> Problem requirements
The line containing "x_axis=(0.309016134813, -0.951056795583, 0.0)))" marks the end: copy exactly every line from the start of the records below up to and including it, leaving out pictures.

Items from a dataset

■ ■ ■ ■ ■

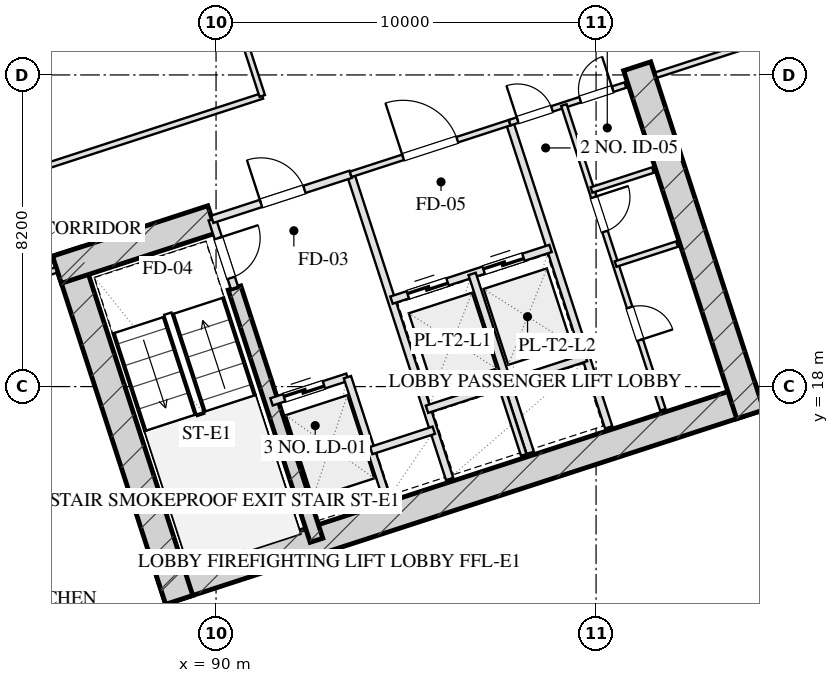
"""IFC4 building model, lengths in metres.
Left out: names, types, materials, properties, quantities, classifications, styles, units other than length and angle.
Written with IfcOpenShell. Run it as: python <this file> out.ifc"""

import sys

from ifc_helpers import new_model, si_unit, direction, frame, frame_2d, origin, place, context, subcontext, project, spatial, rectangle, extrude, element, fill, save


model = new_model("IFC4")
c1 = context("Model", 3, precision=1e-05, world=origin(), true_north=direction((0.0, 1.0)))
c2 = subcontext(c1, "Body", "Model", "MODEL_VIEW")
j1 = project(units=[si_unit("LENGTHUNIT", "METRE"), si_unit("PLANEANGLEUNIT", "RADIAN")], contexts=[c1])
p1 = place(None, origin())
s1 = spatial("IfcSite", under=j1, at=p1, CompositionType="ELEMENT")
p2 = place(p1, origin())
s2 = spatial("IfcBuilding", under=s1, at=p2, CompositionType="ELEMENT")
p3 = place(p2, frame((0.0, 0.0, 71.3)))
s3 = spatial("IfcBuildingStorey", under=s2, at=p3, CompositionType="ELEMENT", Elevation=71.3)
p4 = place(p3, frame((88.559, 12.629, 0.0), z_axis=(0.0, 0.0, 1.0), x_axis=(0.951056072937, 0.309018358888, 0.0)))
e1 = element("IfcWall", 1, at=p4, inside=s3, PredefinedType="SHEAR", context=c2, shape_type="SweptSolid", body=[
    extrude(rectangle(XDim=16.55, YDim=0.75, at=frame_2d((8.275, 0.0))), origin(), (0.0, 0.0, 1.0), 3.45),
])
p5 = place(p3, frame((86.055, 21.546, 0.0), z_axis=(0.0, 0.0, 1.0), x_axis=(0.309023585745, -0.951054374604, 0.0)))
e2 = element("IfcWall", 2, at=p5, inside=s3, PredefinedType="SHEAR", context=c2, shape_type="SweptSolid", body=[
    extrude(rectangle(XDim=9.63, YDim=0.75, at=frame_2d((4.815, 0.0))), origin(), (0.0, 0.0, 1.0), 3.45),
])
p6 = place(p3, frame((101.082, 26.429, 0.0), z_axis=(0.0, 0.0, 1.0), x_axis=(0.309016134813, -0.951056795583, 0.0)))
e3 = element("IfcWall", 3, at=p6, inside=s3, PredefinedType="SHEAR", context=c2, shape_type="SweptSolid", body=[
    extrude(rectangle(XDim=9.63, YDim=0.75, at=frame_2d((4.815, 0.0))), origin(), (0.0, 0.0, 1.0), 3.45),
])
p7 = place(p3, frame((90.486, 20.594, 0.0), z_axis=(0.0, 0.0, 1.0), x_axis=(0.309020428229, -0.951055400562, 0.0)))
e4 = element("IfcWall", 4, at=p7, inside=s3, PredefinedType="SHEAR", context=c2, shape_type="SweptSolid", body=[
    extrude(rectangle(XDim=6.98, YDim=0.35, at=frame_2d((3.49, 0.0))), origin(), (0.0, 0.0, 1.0), 3.45),
])
p8 = place(p3, frame((85.814, 21.074, 0.0), z_axis=(0.0, 0.0, 1.0), x_axis=(0.95106580992, 0.308988390074, 0.0)))
e5 = element("IfcWall", 5, at=p8, inside=s3, PredefinedType="SHEAR", context=c2, shape_type="SweptSolid", body=[
    extrude(rectangle(XDim=4.295, YDim=0.75, at=frame_2d((2.147, 0.0))), origin(), (0.0, 0.0, 1.0), 3.45),
])
p9 = place(p3, frame((100.345, 63.648, 0.0), z_axis=(0.0, 0.0, 1.0), x_axis=(0.309014526607, -0.951057318118, 0.0)))
e6 = element("IfcWall", 6, at=p9, inside=s3, PredefinedType="SOLIDWALL", context=c2, shape_type="SweptSolid", body=[
    extrude(rectangle(XDim=50.0, YDim=0.4, at=frame_2d((25.0, 0.0))), origin(), (0.0, 0.0, 1.0), 2.61),
])
p10 = place(p9, frame((30.15, 0.0, 0.75)))
e7 = element("IfcOpeningElement", 7, at=p10, cuts=e6, PredefinedType="OPENING", context=c2, shape_type="SweptSolid", body=[
    extrude(rectangle(XDim=2.5, YDim=1.46, at=frame_2d((1.25, 0.73))), frame((0.0, 0.21, 0.0), z_axis=(0.0, -1.0, 0.0), x_axis=(1.0, 0.0, 0.0)), (0.0, 0.0, 1.0), 0.42),
])
p11 = place(p9, frame((21.445, 0.0, 0.0)))
e8 = element("IfcOpeningElement", 8, at=p11, cuts=e6, PredefinedType="OPENING", context=c2, shape_type="SweptSolid", body=[
    extrude(rectangle(XDim=1.1, YDim=2.15, at=frame_2d((0.55, 1.075))), frame((0.0, 0.21, 0.0), z_axis=(0.0, -1.0, 0.0), x_axis=(1.0, 0.0, 0.0)), (0.0, 0.0, 1.0), 0.42),
])
p12 = place(p3, frame((113.998, 12.567, 0.0), z_axis=(0.0, 0.0, 1.0), x_axis=(-0.951055939317, -0.309018770125, 0.0)))
e9 = element("IfcWall", 9, at=p12, inside=s3, PredefinedType="SOLIDWALL", context=c2, shape_type="SweptSolid", body=[
    extrude(rectangle(XDim=32.4, YDim=0.4, at=frame_2d((16.2, 0.0))), origin(), (0.0, 0.0, 1.0), 2.61),
])
p13 = place(p3, frame((89.899, 22.401, 0.0), z_axis=(0.0, 0.0, 1.0), x_axis=(0.308932062672, -0.951084108086, 0.0)))
e10 = element("IfcWall", 10, at=p13, inside=s3, PredefinedType="PARTITIONING", context=c2, shape_type="SweptSolid", body=[
    extrude(rectangle(XDim=1.9, YDim=0.2, at=frame_2d((0.95, 0.0))), origin(), (0.0, 0.0, 1.0), 3.175),
])
p14 = place(p13, frame((0.52, 0.0, 0.0)))
e11 = element("IfcOpeningElement", 11, at=p14, cuts=e10, PredefinedType="OPENING", context=c2, shape_type="SweptSolid", body=[
    extrude(rectangle(XDim=1.1, YDim=2.05, at=frame_2d((0.55, 1.025))), frame((0.0, 0.11, 0.0), z_axis=(0.0, -1.0, 0.0), x_axis=(1.0, 0.0, 0.0)), (0.0, 0.0, 1.0), 0.22),
])
p15 = place(p3, frame((93.542, 23.585, 0.0), z_axis=(0.0, 0.0, 1.0), x_axis=(0.309042196757, -0.951048327176, 0.0)))
e12 = element("IfcWall", 12, at=p15, inside=s3, PredefinedType="PARTITIONING", context=c2, shape_type="SweptSolid", body=[
    extrude(rectangle(XDim=8.43, YDim=0.2, at=frame_2d((4.215, 0.0))), origin(), (0.0, 0.0, 1.0), 3.175),
])
p16 = place(p3, frame((89.899, 22.401, 0.0), z_axis=(0.0, 0.0, 1.0), x_axis=(0.951046716504, 0.309047153403, 0.0)))
e13 = element("IfcWall", 13, at=p16, inside=s3, PredefinedType="PARTITIONING", context=c2, shape_type="SweptSolid", body=[
    extrude(rectangle(XDim=3.83, YDim=0.2, at=frame_2d((1.915, 0.0))), origin(), (0.0, 0.0, 1.0), 3.175),
])
p17 = place(p16, frame((1.35, 0.0, 0.0)))
e14 = element("IfcOpeningElement", 14, at=p17, cuts=e13, PredefinedType="OPENING", context=c2, shape_type="SweptSolid", body=[
    extrude(rectangle(XDim=1.2, YDim=2.05, at=frame_2d((0.6, 1.025))), frame((0.0, 0.11, 0.0), z_axis=(0.0, -1.0, 0.0), x_axis=(1.0, 0.0, 0.0)), (0.0, 0.0, 1.0), 0.22),
])
p18 = place(p3, frame((91.46, 17.598, 0.0), z_axis=(0.0, 0.0, 1.0), x_axis=(0.951062257173, 0.308999325213, 0.0)))
e15 = element("IfcWall", 15, at=p18, inside=s3, PredefinedType="PARTITIONING", context=c2, shape_type="SweptSolid", body=[
    extrude(rectangle(XDim=2.1, YDim=0.2, at=frame_2d((1.05, 0.0))), origin(), (0.0, 0.0, 1.0), 3.175),
])
p19 = place(p18, frame((0.35, 0.0, 0.0)))
e16 = element("IfcOpeningElement", 16, at=p19, cuts=e15, PredefinedType="OPENING", context=c2, shape_type="SweptSolid", body=[
    extrude(rectangle(XDim=1.1, YDim=2.05, at=frame_2d((0.55, 1.025))), frame((0.0, 0.11, 0.0), z_axis=(0.0, -1.0, 0.0), x_axis=(1.0, 0.0, 0.0)), (0.0, 0.0, 1.0), 0.22),
])
p20 = place(p3, frame((93.457, 18.247, 0.0), z_axis=(0.0, 0.0, 1.0), x_axis=(0.3089935693, -0.951064127245, 0.0)))
e17 = element("IfcWall", 17, at=p20, inside=s3, PredefinedType="PARTITIONING", context=c2, shape_type="SweptSolid", body=[
    extrude(rectangle(XDim=3.7, YDim=0.2, at=frame_2d((1.85, 0.0))), origin(), (0.0, 0.0, 1.0), 3.175),
])
p21 = place(p3, frame((94.084, 16.317, 0.0), z_axis=(0.0, 0.0, 1.0), x_axis=(0.951041328149, 0.309063734775, 0.0)))
e18 = element("IfcWall", 18, at=p21, inside=s3, PredefinedType="PARTITIONING", context=c2, shape_type="SweptSolid", body=[
    extrude(rectangle(XDim=1.73, YDim=0.2, at=frame_2d((0.865, 0.0))), origin(), (0.0, 0.0, 1.0), 3.175),
])
p22 = place(p3, frame((97.727, 24.944, 0.0), z_axis=(0.0, 0.0, 1.0), x_axis=(0.309016001439, -0.951056838919, 0.0)))
e19 = element("IfcWall", 19, at=p22, inside=s3, PredefinedType="PARTITIONING", context=c2, shape_type="SweptSolid", body=[
    extrude(rectangle(XDim=8.43, YDim=0.2, at=frame_2d((4.215, 0.0))), origin(), (0.0, 0.0, 1.0), 3.175),
])
p23 = place(p3, frame((93.542, 23.585, 0.0), z_axis=(0.0, 0.0, 1.0), x_axis=(0.951063829732, 0.308994485023, 0.0)))
e20 = element("IfcWall", 20, at=p23, inside=s3, PredefinedType="PARTITIONING", context=c2, shape_type="SweptSolid", body=[
    extrude(rectangle(XDim=4.4, YDim=0.15, at=frame_2d((2.2, 0.0))), origin(), (0.0, 0.0, 1.0), 3.175),
])
p24 = place(p23, frame((1.45, 0.0, 0.0)))
e21 = element("IfcOpeningElement", 21, at=p24, cuts=e20, PredefinedType="OPENING", context=c2, shape_type="SweptSolid", body=[
    extrude(rectangle(XDim=1.5, YDim=2.05, at=frame_2d((0.75, 1.025))), frame((0.0, 0.085, 0.0), z_axis=(0.0, -1.0, 0.0), x_axis=(1.0, 0.0, 0.0)), (0.0, 0.0, 1.0), 0.17),
])
p25 = place(p3, frame((94.617, 20.275, 0.0), z_axis=(0.0, 0.0, 1.0), x_axis=(0.951058531764, 0.30901079133, 0.0)))
e22 = element("IfcWall", 22, at=p25, inside=s3, PredefinedType="PARTITIONING", context=c2, shape_type="SweptSolid", body=[
    extrude(rectangle(XDim=4.4, YDim=0.2, at=frame_2d((2.2, 0.0))), origin(), (0.0, 0.0, 1.0), 3.175),
])
p26 = place(p25, frame((0.45, 0.0, 0.0)))
e23 = element("IfcOpeningElement", 23, at=p26, cuts=e22, PredefinedType="OPENING", context=c2, shape_type="SweptSolid", body=[
    extrude(rectangle(XDim=1.1, YDim=2.05, at=frame_2d((0.55, 1.025))), frame((0.0, 0.11, 0.0), z_axis=(0.0, -1.0, 0.0), x_axis=(1.0, 0.0, 0.0)), (0.0, 0.0, 1.0), 0.22),
])
p27 = place(p25, frame((2.55, 0.0, 0.0)))
e24 = element("IfcOpeningElement", 24, at=p27, cuts=e22, PredefinedType="OPENING", context=c2, shape_type="SweptSolid", body=[
    extrude(rectangle(XDim=1.1, YDim=2.05, at=frame_2d((0.55, 1.025))), frame((0.0, 0.11, 0.0), z_axis=(0.0, -1.0, 0.0), x_axis=(1.0, 0.0, 0.0)), (0.0, 0.0, 1.0), 0.22),
])
p28 = place(p3, frame((96.738, 20.964, 0.0), z_axis=(0.0, 0.0, 1.0), x_axis=(0.309042578481, -0.951048203135, 0.0)))
e25 = element("IfcWall", 25, at=p28, inside=s3, PredefinedType="PARTITIONING", context=c2, shape_type="SweptSolid", body=[
    extrude(rectangle(XDim=4.95, YDim=0.2, at=frame_2d((2.475, 0.0))), origin(), (0.0, 0.0, 1.0), 3.175),
])
p29 = place(p3, frame((95.551, 17.403, 0.0), z_axis=(0.0, 0.0, 1.0), x_axis=(0.951058531764, 0.30901079133, 0.0)))
e26 = element("IfcWall", 26, at=p29, inside=s3, PredefinedType="PARTITIONING", context=c2, shape_type="SweptSolid", body=[
    extrude(rectangle(XDim=4.4, YDim=0.2, at=frame_2d((2.2, 0.0))), origin(), (0.0, 0.0, 1.0), 3.175),
])
p30 = place(p3, frame((97.516, 17.989, 0.0), z_axis=(0.0, 0.0, 1.0), x_axis=(0.30897153969, -0.951071284217, 0.0)))
e27 = element("IfcWall", 27, at=p30, inside=s3, PredefinedType="PARTITIONING", context=c2, shape_type="SweptSolid", body=[
    extrude(rectangle(XDim=1.88, YDim=0.15, at=frame_2d((0.94, 0.0))), origin(), (0.0, 0.0, 1.0), 3.175),
])
p31 = place(p3, frame((97.727, 24.944, 0.0), z_axis=(0.0, 0.0, 1.0), x_axis=(0.951036872128, 0.309077446369, 0.0)))
e28 = element("IfcWall", 28, at=p31, inside=s3, PredefinedType="PARTITIONING", context=c2, shape_type="SweptSolid", body=[
    extrude(rectangle(XDim=3.2, YDim=0.15, at=frame_2d((1.6, 0.0))), origin(), (0.0, 0.0, 1.0), 3.175),
])
p32 = place(p31, frame((0.22, 0.0, 0.0)))
e29 = element("IfcOpeningElement", 29, at=p32, cuts=e28, PredefinedType="OPENING", context=c2, shape_type="SweptSolid", body=[
    extrude(rectangle(XDim=0.95, YDim=2.05, at=frame_2d((0.475, 1.025))), frame((0.0, 0.085, 0.0), z_axis=(0.0, -1.0, 0.0), x_axis=(1.0, 0.0, 0.0)), (0.0, 0.0, 1.0), 0.17),
])
p33 = place(p31, frame((1.95, 0.0, 0.0)))
e30 = element("IfcOpeningElement", 30, at=p33, cuts=e28, PredefinedType="OPENING", context=c2, shape_type="SweptSolid", body=[
    extrude(rectangle(XDim=0.9, YDim=2.05, at=frame_2d((0.45, 1.025))), frame((0.0, 0.085, 0.0), z_axis=(0.0, -1.0, 0.0), x_axis=(1.0, 0.0, 0.0)), (0.0, 0.0, 1.0), 0.17),
])
p34 = place(p3, frame((99.153, 25.408, 0.0), z_axis=(0.0, 0.0, 1.0), x_axis=(0.309016001439, -0.951056838919, 0.0)))
e31 = element("IfcWall", 31, at=p34, inside=s3, PredefinedType="PARTITIONING", context=c2, shape_type="SweptSolid", body=[
    extrude(rectangle(XDim=8.43, YDim=0.15, at=frame_2d((4.215, 0.0))), origin(), (0.0, 0.0, 1.0), 3.175),
])
p35 = place(p34, frame((2.55, 0.0, 0.0)))
e32 = element("IfcOpeningElement", 32, at=p35, cuts=e31, PredefinedType="OPENING", context=c2, shape_type="SweptSolid", body=[
    extrude(rectangle(XDim=0.95, YDim=2.05, at=frame_2d((0.475, 1.025))), frame((0.0, 0.085, 0.0), z_axis=(0.0, -1.0, 0.0), x_axis=(1.0, 0.0, 0.0)), (0.0, 0.0, 1.0), 0.17),
])
p36 = place(p34, frame((5.6, 0.0, 0.0)))
e33 = element("IfcOpeningElement", 33, at=p36, cuts=e31, PredefinedType="OPENING", context=c2, shape_type="SweptSolid", body=[
    extrude(rectangle(XDim=0.9, YDim=2.05, at=frame_2d((0.45, 1.025))), frame((0.0, 0.085, 0.0), z_axis=(0.0, -1.0, 0.0), x_axis=(1.0, 0.0, 0.0)), (0.0, 0.0, 1.0), 0.17),
])
for number, where, z_axis, x_axis in (
    (34, (100.513, 21.223, 0.0), (0.0, 0.0, 1.0), (0.951, 0.309, 0.0)),
    (35, (99.879, 23.173, 0.0), (0.0, 0.0, 1.0), (0.951, 0.309, 0.0)),
):
    element("IfcWall", number, at=place(p3, frame(where, z_axis=z_axis, x_axis=x_axis)), inside=s3, PredefinedType="PARTITIONING", context=c2, shape_type="SweptSolid", body=[
        extrude(rectangle(XDim=1.7, YDim=0.15, at=frame_2d((0.85, 0.0))), origin(), (0.0, 0.0, 1.0), 3.175),
    ])
p37 = place(p3, frame((75.519, 17.729, 0.0), z_axis=(0.0, 0.0, 1.0), x_axis=(0.951056658866, 0.309016555588, 0.0)))
e36 = element("IfcWall", 36, at=p37, inside=s3, PredefinedType="PARTITIONING", context=c2, shape_type="SweptSolid", body=[
    extrude(rectangle(XDim=10.8, YDim=0.15, at=frame_2d((5.4, 0.0))), origin(), (0.0, 0.0, 1.0), 3.175),
])
p38 = place(p37, frame((4.536, 0.0, 0.0)))
e37 = element("IfcOpeningElement", 37, at=p38, cuts=e36, PredefinedType="OPENING", context=c2, shape_type="SweptSolid", body=[
    extrude(rectangle(XDim=1.0, YDim=2.05, at=frame_2d((0.5, 1.025))), frame((0.0, 0.085, 0.0), z_axis=(0.0, -1.0, 0.0), x_axis=(1.0, 0.0, 0.0)), (0.0, 0.0, 1.0), 0.17),
])
p39 = place(p3, frame((101.578, 26.196, 0.0), z_axis=(0.0, 0.0, 1.0), x_axis=(0.951059043131, 0.309009217467, 0.0)))
e38 = element("IfcWall", 38, at=p39, inside=s3, PredefinedType="PARTITIONING", context=c2, shape_type="SweptSolid", body=[
    extrude(rectangle(XDim=10.2, YDim=0.15, at=frame_2d((5.1, 0.0))), origin(), (0.0, 0.0, 1.0), 3.175),
])
p40 = place(p39, frame((4.284, 0.0, 0.0)))
e39 = element("IfcOpeningElement", 39, at=p40, cuts=e38, PredefinedType="OPENING", context=c2, shape_type="SweptSolid", body=[
    extrude(rectangle(XDim=1.0, YDim=2.05, at=frame_2d((0.5, 1.025))), frame((0.0, 0.085, 0.0), z_axis=(0.0, -1.0, 0.0), x_axis=(1.0, 0.0, 0.0)), (0.0, 0.0, 1.0), 0.17),
])
p41 = place(p3, frame((74.691, 20.278, 0.0), z_axis=(0.0, 0.0, 1.0), x_axis=(0.951053169828, 0.309027293551, 0.0)))
e40 = element("IfcWall", 40, at=p41, inside=s3, PredefinedType="PARTITIONING", context=c2, shape_type="SweptSolid", body=[
    extrude(rectangle(XDim=17.375, YDim=0.15, at=frame_2d((8.688, 0.0))), origin(), (0.0, 0.0, 1.0), 3.175),
])
p42 = place(p3, frame((91.216, 25.647, 0.0), z_axis=(0.0, 0.0, 1.0), x_axis=(-0.309022042254, 0.951054876125, 0.0)))
e41 = element("IfcWall", 41, at=p42, inside=s3, PredefinedType="PARTITIONING", context=c2, shape_type="SweptSolid", body=[
    extrude(rectangle(XDim=16.64, YDim=0.15, at=frame_2d((8.32, 0.0))), origin(), (0.0, 0.0, 1.0), 3.175),
])
p43 = place(p42, frame((1.66, 0.0, 0.0)))
e42 = element("IfcOpeningElement", 42, at=p43, cuts=e41, PredefinedType="OPENING", context=c2, shape_type="SweptSolid", body=[
    extrude(rectangle(XDim=1.05, YDim=2.05, at=frame_2d((0.525, 1.025))), frame((0.0, 0.085, 0.0), z_axis=(0.0, -1.0, 0.0), x_axis=(1.0, 0.0, 0.0)), (0.0, 0.0, 1.0), 0.17),
])
p44 = place(p42, frame((7.82, 0.0, 0.0)))
e43 = element("IfcOpeningElement", 43, at=p44, cuts=e41, PredefinedType="OPENING", context=c2, shape_type="SweptSolid", body=[
    extrude(rectangle(XDim=1.0, YDim=2.05, at=frame_2d((0.5, 1.025))), frame((0.0, 0.085, 0.0), z_axis=(0.0, -1.0, 0.0), x_axis=(1.0, 0.0, 0.0)), (0.0, 0.0, 1.0), 0.17),
])
p45 = place(p42, frame((13.98, 0.0, 0.0)))
e44 = element("IfcOpeningElement", 44, at=p45, cuts=e41, PredefinedType="OPENING", context=c2, shape_type="SweptSolid", body=[
    extrude(rectangle(XDim=1.0, YDim=2.05, at=frame_2d((0.5, 1.025))), frame((0.0, 0.085, 0.0), z_axis=(0.0, -1.0, 0.0), x_axis=(1.0, 0.0, 0.0)), (0.0, 0.0, 1.0), 0.17),
])
p46 = place(p3, frame((73.356, 24.386, 0.0), z_axis=(0.0, 0.0, 1.0), x_axis=(0.951057299418, 0.309014584159, 0.0)))
e45 = element("IfcWall", 45, at=p46, inside=s3, PredefinedType="PARTITIONING", context=c2, shape_type="SweptSolid", body=[
    extrude(rectangle(XDim=17.375, YDim=0.15, at=frame_2d((8.688, 0.0))), origin(), (0.0, 0.0, 1.0), 3.175),
])
p47 = place(p14, origin())
e46 = element("IfcDoor", 46, at=p47, inside=s3, OperationType="SINGLE_SWING_LEFT", PredefinedType="DOOR", context=c2, shape_type="SweptSolid", body=[
    extrude(rectangle(XDim=1.1, YDim=2.05, at=frame_2d((0.55, 1.025))), frame((0.0, 0.025, 0.0), z_axis=(0.0, -1.0, 0.0), x_axis=(1.0, 0.0, 0.0)), (0.0, 0.0, 1.0), 0.05),
])
fill(e11, e46)
p48 = place(p17, origin())
e47 = element("IfcDoor", 47, at=p48, inside=s3, OperationType="SINGLE_SWING_LEFT", PredefinedType="DOOR", context=c2, shape_type="SweptSolid", body=[
    extrude(rectangle(XDim=1.2, YDim=2.05, at=frame_2d((0.6, 1.025))), frame((0.0, 0.025, 0.0), z_axis=(0.0, -1.0, 0.0), x_axis=(1.0, 0.0, 0.0)), (0.0, 0.0, 1.0), 0.05),
])
fill(e14, e47)
p49 = place(p19, origin())
e48 = element("IfcDoor", 48, at=p49, inside=s3, OperationType="DOUBLE_DOOR_SLIDING", PredefinedType="DOOR", context=c2, shape_type="SweptSolid", body=[
    extrude(rectangle(XDim=1.1, YDim=2.05, at=frame_2d((0.55, 1.025))), frame((0.0, 0.025, 0.0), z_axis=(0.0, -1.0, 0.0), x_axis=(1.0, 0.0, 0.0)), (0.0, 0.0, 1.0), 0.05),
])
fill(e16, e48)
p50 = place(p24, origin())
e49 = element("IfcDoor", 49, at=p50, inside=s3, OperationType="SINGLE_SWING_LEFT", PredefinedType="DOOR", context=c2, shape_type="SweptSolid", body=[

■ ■ ■ ■ ■

> Task result
"""IFC4 building model, lengths in metres.
Left out: names, types, materials, properties, quantities, classifications, styles, units other than length and angle.
Written with IfcOpenShell. Run it as: python <this file> out.ifc"""

import sys

from ifc_helpers import new_model, si_unit, direction, frame, frame_2d, origin, place, context, subcontext, project, spatial, rectangle, extrude, element, fill, save


model = new_model("IFC4")
c1 = context("Model", 3, precision=1e-05, world=origin(), true_north=direction((0.0, 1.0)))
c2 = subcontext(c1, "Body", "Model", "MODEL_VIEW")
j1 = project(units=[si_unit("LENGTHUNIT", "METRE"), si_unit("PLANEANGLEUNIT", "RADIAN")], contexts=[c1])
p1 = place(None, origin())
s1 = spatial("IfcSite", under=j1, at=p1, CompositionType="ELEMENT")
p2 = place(p1, origin())
s2 = spatial("IfcBuilding", under=s1, at=p2, CompositionType="ELEMENT")
p3 = place(p2, frame((0.0, 0.0, 71.3)))
s3 = spatial("IfcBuildingStorey", under=s2, at=p3, CompositionType="ELEMENT", Elevation=71.3)
p4 = place(p3, frame((88.559, 12.629, 0.0), z_axis=(0.0, 0.0, 1.0), x_axis=(0.951056072937, 0.309018358888, 0.0)))
e1 = element("IfcWall", 1, at=p4, inside=s3, PredefinedType="SHEAR", context=c2, shape_type="SweptSolid", body=[
    extrude(rectangle(XDim=16.55, YDim=0.75, at=frame_2d((8.275, 0.0))), origin(), (0.0, 0.0, 1.0), 3.45),
])
p5 = place(p3, frame((86.055, 21.546, 0.0), z_axis=(0.0, 0.0, 1.0), x_axis=(0.309023585745, -0.951054374604, 0.0)))
e2 = element("IfcWall", 2, at=p5, inside=s3, PredefinedType="SHEAR", context=c2, shape_type="SweptSolid", body=[
    extrude(rectangle(XDim=9.63, YDim=0.75, at=frame_2d((4.815, 0.0))), origin(), (0.0, 0.0, 1.0), 3.45),
])
p6 = place(p3, frame((101.082, 26.429, 0.0), z_axis=(0.0, 0.0, 1.0), x_axis=(0.309016134813, -0.951056795583, 0.0)))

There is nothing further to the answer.